▶ [About this task]: Copy each line below in which the word "import" occurs.

▶ [Supplied data]:
# # # # #

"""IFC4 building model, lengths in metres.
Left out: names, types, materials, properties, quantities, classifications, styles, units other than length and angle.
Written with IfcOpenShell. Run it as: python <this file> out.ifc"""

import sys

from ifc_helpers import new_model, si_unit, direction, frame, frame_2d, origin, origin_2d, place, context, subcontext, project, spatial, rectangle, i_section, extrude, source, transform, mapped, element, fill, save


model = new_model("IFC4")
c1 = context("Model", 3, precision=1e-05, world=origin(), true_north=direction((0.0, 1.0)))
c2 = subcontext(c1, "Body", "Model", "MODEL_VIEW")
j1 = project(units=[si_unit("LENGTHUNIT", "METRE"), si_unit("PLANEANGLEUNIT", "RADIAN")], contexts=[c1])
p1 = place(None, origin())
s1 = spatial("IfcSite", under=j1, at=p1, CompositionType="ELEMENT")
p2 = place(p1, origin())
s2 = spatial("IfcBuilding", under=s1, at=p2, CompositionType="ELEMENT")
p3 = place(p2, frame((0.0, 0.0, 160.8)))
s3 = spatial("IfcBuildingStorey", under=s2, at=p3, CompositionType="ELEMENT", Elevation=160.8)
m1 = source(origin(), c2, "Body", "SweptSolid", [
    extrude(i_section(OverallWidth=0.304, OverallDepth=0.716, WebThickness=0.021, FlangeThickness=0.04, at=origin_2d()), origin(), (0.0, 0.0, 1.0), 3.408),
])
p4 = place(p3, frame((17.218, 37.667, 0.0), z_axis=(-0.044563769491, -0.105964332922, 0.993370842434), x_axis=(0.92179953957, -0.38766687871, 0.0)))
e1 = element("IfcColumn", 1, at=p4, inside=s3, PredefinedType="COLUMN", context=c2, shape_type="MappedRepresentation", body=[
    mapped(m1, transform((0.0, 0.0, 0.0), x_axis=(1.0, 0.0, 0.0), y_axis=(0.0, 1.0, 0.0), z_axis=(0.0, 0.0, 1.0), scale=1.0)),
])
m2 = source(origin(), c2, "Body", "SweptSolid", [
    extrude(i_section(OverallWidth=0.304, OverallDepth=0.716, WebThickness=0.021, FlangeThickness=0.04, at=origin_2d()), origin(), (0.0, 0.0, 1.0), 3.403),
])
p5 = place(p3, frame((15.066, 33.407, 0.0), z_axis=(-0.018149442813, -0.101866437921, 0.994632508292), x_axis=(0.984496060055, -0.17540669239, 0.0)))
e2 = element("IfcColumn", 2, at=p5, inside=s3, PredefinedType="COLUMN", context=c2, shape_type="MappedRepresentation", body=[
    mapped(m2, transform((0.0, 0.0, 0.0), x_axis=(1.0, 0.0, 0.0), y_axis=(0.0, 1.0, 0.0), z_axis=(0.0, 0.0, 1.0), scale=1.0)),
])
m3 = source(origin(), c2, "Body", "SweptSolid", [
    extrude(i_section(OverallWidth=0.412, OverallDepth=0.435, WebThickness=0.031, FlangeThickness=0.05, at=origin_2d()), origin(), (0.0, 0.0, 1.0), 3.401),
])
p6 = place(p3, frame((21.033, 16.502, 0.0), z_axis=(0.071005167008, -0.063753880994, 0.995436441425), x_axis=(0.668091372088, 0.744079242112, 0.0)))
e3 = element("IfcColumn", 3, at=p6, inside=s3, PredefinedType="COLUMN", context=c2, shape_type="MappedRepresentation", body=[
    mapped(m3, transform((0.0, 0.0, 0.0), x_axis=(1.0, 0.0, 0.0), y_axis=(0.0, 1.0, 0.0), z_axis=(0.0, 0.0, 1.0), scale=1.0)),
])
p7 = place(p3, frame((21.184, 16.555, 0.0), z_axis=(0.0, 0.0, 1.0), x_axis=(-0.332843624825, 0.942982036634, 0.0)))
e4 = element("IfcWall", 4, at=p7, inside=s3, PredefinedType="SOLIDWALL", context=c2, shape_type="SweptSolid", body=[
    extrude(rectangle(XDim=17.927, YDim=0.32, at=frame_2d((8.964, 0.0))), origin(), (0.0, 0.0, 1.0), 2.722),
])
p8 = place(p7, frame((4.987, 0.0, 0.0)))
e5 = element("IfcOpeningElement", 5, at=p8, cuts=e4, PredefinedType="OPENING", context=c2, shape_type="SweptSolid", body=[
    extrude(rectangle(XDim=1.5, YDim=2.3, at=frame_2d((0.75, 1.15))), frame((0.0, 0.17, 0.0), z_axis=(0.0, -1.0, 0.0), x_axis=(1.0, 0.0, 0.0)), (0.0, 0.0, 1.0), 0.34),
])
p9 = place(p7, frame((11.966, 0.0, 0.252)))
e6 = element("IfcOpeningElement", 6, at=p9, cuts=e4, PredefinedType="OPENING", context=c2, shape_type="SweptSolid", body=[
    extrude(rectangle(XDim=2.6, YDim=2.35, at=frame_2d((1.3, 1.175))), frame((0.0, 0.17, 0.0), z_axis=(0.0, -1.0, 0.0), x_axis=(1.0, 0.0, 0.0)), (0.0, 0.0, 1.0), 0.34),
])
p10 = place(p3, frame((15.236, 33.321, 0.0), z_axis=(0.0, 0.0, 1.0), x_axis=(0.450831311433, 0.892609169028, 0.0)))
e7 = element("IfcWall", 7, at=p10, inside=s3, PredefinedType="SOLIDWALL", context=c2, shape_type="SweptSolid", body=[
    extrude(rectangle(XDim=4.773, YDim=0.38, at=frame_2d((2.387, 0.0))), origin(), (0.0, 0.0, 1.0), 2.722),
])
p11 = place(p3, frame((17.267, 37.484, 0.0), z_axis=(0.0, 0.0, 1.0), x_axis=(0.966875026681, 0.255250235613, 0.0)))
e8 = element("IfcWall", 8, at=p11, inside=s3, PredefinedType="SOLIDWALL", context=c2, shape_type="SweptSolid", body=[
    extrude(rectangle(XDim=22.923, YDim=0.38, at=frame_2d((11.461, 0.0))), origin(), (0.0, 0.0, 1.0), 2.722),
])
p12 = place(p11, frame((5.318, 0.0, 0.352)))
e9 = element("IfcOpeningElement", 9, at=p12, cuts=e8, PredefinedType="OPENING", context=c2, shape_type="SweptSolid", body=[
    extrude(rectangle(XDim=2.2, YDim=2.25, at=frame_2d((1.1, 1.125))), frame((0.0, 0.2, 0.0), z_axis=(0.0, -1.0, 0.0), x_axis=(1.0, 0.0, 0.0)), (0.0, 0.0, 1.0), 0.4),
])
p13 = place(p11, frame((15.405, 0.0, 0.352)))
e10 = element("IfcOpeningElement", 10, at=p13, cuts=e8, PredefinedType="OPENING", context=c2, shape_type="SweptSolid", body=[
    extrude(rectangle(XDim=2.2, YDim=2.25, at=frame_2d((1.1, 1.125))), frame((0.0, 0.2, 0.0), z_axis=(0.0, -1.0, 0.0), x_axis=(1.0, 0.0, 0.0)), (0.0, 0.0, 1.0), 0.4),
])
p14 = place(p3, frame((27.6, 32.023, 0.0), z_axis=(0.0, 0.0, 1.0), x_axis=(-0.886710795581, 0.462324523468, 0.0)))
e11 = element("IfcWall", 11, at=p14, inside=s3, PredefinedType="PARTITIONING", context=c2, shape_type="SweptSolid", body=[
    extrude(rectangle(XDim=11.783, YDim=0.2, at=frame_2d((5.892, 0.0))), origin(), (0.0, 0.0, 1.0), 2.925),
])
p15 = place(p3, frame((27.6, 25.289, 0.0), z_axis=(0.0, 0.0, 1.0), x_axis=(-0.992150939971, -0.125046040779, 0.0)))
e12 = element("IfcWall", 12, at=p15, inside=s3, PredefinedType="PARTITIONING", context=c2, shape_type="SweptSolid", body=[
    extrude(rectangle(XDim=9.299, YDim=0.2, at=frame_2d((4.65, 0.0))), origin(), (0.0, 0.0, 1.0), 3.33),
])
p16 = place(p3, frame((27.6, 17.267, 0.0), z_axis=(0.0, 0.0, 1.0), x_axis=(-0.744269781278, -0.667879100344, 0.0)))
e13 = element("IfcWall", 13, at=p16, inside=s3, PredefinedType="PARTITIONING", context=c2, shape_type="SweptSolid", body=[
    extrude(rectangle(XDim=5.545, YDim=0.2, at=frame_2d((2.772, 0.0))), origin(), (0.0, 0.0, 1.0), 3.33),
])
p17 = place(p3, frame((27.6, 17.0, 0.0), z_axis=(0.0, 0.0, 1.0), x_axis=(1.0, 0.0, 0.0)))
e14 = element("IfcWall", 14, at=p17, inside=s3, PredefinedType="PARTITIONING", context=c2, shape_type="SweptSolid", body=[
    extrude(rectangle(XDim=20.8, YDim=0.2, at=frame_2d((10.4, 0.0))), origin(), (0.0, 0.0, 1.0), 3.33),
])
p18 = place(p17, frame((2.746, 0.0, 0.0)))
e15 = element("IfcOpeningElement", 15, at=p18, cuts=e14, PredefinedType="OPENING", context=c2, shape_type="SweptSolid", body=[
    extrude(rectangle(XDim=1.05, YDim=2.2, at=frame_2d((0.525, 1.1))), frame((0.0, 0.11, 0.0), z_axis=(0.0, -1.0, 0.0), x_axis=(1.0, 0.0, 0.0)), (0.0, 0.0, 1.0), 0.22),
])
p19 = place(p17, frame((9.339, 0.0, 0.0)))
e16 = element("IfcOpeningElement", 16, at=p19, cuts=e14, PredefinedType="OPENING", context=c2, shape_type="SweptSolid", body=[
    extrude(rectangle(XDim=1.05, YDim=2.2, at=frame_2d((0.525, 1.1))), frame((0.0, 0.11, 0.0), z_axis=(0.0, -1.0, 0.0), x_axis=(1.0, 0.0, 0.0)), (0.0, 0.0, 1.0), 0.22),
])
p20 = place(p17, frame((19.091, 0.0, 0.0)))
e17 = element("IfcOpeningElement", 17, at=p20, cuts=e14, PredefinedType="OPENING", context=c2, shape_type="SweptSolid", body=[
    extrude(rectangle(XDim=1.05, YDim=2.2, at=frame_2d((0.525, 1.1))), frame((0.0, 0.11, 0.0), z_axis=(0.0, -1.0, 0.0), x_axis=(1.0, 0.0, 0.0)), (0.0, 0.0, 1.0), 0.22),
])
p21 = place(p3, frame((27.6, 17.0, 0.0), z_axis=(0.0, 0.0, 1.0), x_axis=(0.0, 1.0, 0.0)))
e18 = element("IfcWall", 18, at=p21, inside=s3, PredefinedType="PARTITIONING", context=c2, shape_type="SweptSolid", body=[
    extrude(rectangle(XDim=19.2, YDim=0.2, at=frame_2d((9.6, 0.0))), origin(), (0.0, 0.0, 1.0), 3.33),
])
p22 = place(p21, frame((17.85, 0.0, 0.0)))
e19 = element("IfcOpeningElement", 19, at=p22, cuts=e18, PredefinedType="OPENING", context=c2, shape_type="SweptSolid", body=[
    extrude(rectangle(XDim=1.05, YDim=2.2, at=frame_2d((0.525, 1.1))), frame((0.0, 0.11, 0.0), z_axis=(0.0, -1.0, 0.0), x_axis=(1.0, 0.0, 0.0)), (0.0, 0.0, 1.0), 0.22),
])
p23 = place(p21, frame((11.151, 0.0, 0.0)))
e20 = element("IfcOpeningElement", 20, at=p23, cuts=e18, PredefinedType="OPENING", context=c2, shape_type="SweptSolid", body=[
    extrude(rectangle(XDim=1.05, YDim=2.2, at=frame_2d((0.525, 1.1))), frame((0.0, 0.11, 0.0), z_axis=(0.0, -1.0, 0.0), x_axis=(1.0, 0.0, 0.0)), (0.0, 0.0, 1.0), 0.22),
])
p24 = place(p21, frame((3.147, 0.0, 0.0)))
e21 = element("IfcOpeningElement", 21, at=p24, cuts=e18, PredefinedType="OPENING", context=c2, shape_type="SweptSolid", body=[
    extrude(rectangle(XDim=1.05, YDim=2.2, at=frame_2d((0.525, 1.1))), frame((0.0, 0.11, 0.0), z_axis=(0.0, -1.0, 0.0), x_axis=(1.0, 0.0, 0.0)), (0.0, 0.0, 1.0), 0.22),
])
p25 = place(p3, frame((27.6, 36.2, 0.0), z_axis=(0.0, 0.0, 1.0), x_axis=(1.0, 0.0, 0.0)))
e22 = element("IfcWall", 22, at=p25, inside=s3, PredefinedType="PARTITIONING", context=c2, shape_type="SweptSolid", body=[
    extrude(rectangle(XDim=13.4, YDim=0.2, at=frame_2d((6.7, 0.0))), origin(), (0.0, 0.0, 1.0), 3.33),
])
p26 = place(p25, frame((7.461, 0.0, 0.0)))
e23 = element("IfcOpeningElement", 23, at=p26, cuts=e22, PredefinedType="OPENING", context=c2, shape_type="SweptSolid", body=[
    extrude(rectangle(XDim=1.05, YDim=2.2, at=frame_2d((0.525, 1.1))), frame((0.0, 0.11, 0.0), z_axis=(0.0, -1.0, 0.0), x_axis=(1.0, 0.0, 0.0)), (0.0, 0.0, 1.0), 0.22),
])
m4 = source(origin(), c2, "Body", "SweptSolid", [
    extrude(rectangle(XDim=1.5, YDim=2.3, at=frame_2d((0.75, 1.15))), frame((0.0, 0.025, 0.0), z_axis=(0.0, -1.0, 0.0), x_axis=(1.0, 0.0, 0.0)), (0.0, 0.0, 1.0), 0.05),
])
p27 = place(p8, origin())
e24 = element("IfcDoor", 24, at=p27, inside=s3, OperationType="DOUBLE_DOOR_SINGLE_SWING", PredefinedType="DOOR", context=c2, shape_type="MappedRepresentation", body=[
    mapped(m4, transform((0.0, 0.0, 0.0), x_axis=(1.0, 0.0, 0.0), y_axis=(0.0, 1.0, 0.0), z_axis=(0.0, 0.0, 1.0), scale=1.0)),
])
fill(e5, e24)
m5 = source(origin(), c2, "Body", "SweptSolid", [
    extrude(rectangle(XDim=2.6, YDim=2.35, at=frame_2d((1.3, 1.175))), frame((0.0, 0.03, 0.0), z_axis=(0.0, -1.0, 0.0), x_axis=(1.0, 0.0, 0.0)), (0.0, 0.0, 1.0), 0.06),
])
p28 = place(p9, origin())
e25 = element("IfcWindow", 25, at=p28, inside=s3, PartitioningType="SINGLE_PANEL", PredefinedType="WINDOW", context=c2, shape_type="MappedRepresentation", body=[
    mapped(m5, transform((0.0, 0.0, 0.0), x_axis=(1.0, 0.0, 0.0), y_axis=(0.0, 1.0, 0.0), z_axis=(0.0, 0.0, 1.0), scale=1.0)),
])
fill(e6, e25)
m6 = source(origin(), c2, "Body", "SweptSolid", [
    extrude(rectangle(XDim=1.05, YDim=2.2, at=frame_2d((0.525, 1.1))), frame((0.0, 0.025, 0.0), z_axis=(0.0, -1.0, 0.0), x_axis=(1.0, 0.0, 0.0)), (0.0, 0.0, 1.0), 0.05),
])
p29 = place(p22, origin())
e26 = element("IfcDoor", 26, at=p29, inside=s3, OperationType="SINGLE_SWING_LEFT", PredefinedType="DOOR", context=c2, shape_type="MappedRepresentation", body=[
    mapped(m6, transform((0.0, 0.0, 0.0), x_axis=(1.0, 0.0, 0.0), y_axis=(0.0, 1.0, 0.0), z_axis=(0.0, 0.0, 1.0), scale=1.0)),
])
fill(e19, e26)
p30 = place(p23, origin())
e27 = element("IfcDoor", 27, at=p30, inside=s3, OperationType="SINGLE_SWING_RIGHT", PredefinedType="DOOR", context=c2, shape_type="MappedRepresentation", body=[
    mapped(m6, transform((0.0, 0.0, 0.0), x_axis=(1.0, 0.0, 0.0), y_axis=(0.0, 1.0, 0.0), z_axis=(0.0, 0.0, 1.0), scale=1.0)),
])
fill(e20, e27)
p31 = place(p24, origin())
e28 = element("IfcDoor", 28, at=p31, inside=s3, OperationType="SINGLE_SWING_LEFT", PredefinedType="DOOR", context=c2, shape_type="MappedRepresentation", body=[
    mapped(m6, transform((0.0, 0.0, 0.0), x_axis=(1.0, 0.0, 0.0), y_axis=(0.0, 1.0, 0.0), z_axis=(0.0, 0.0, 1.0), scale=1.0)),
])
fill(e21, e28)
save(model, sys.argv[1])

# # # # #

▶ [Written answer]:
import sys
from ifc_helpers import new_model, si_unit, direction, frame, frame_2d, origin, origin_2d, place, context, subcontext, project, spatial, rectangle, i_section, extrude, source, transform, mapped, element, fill, save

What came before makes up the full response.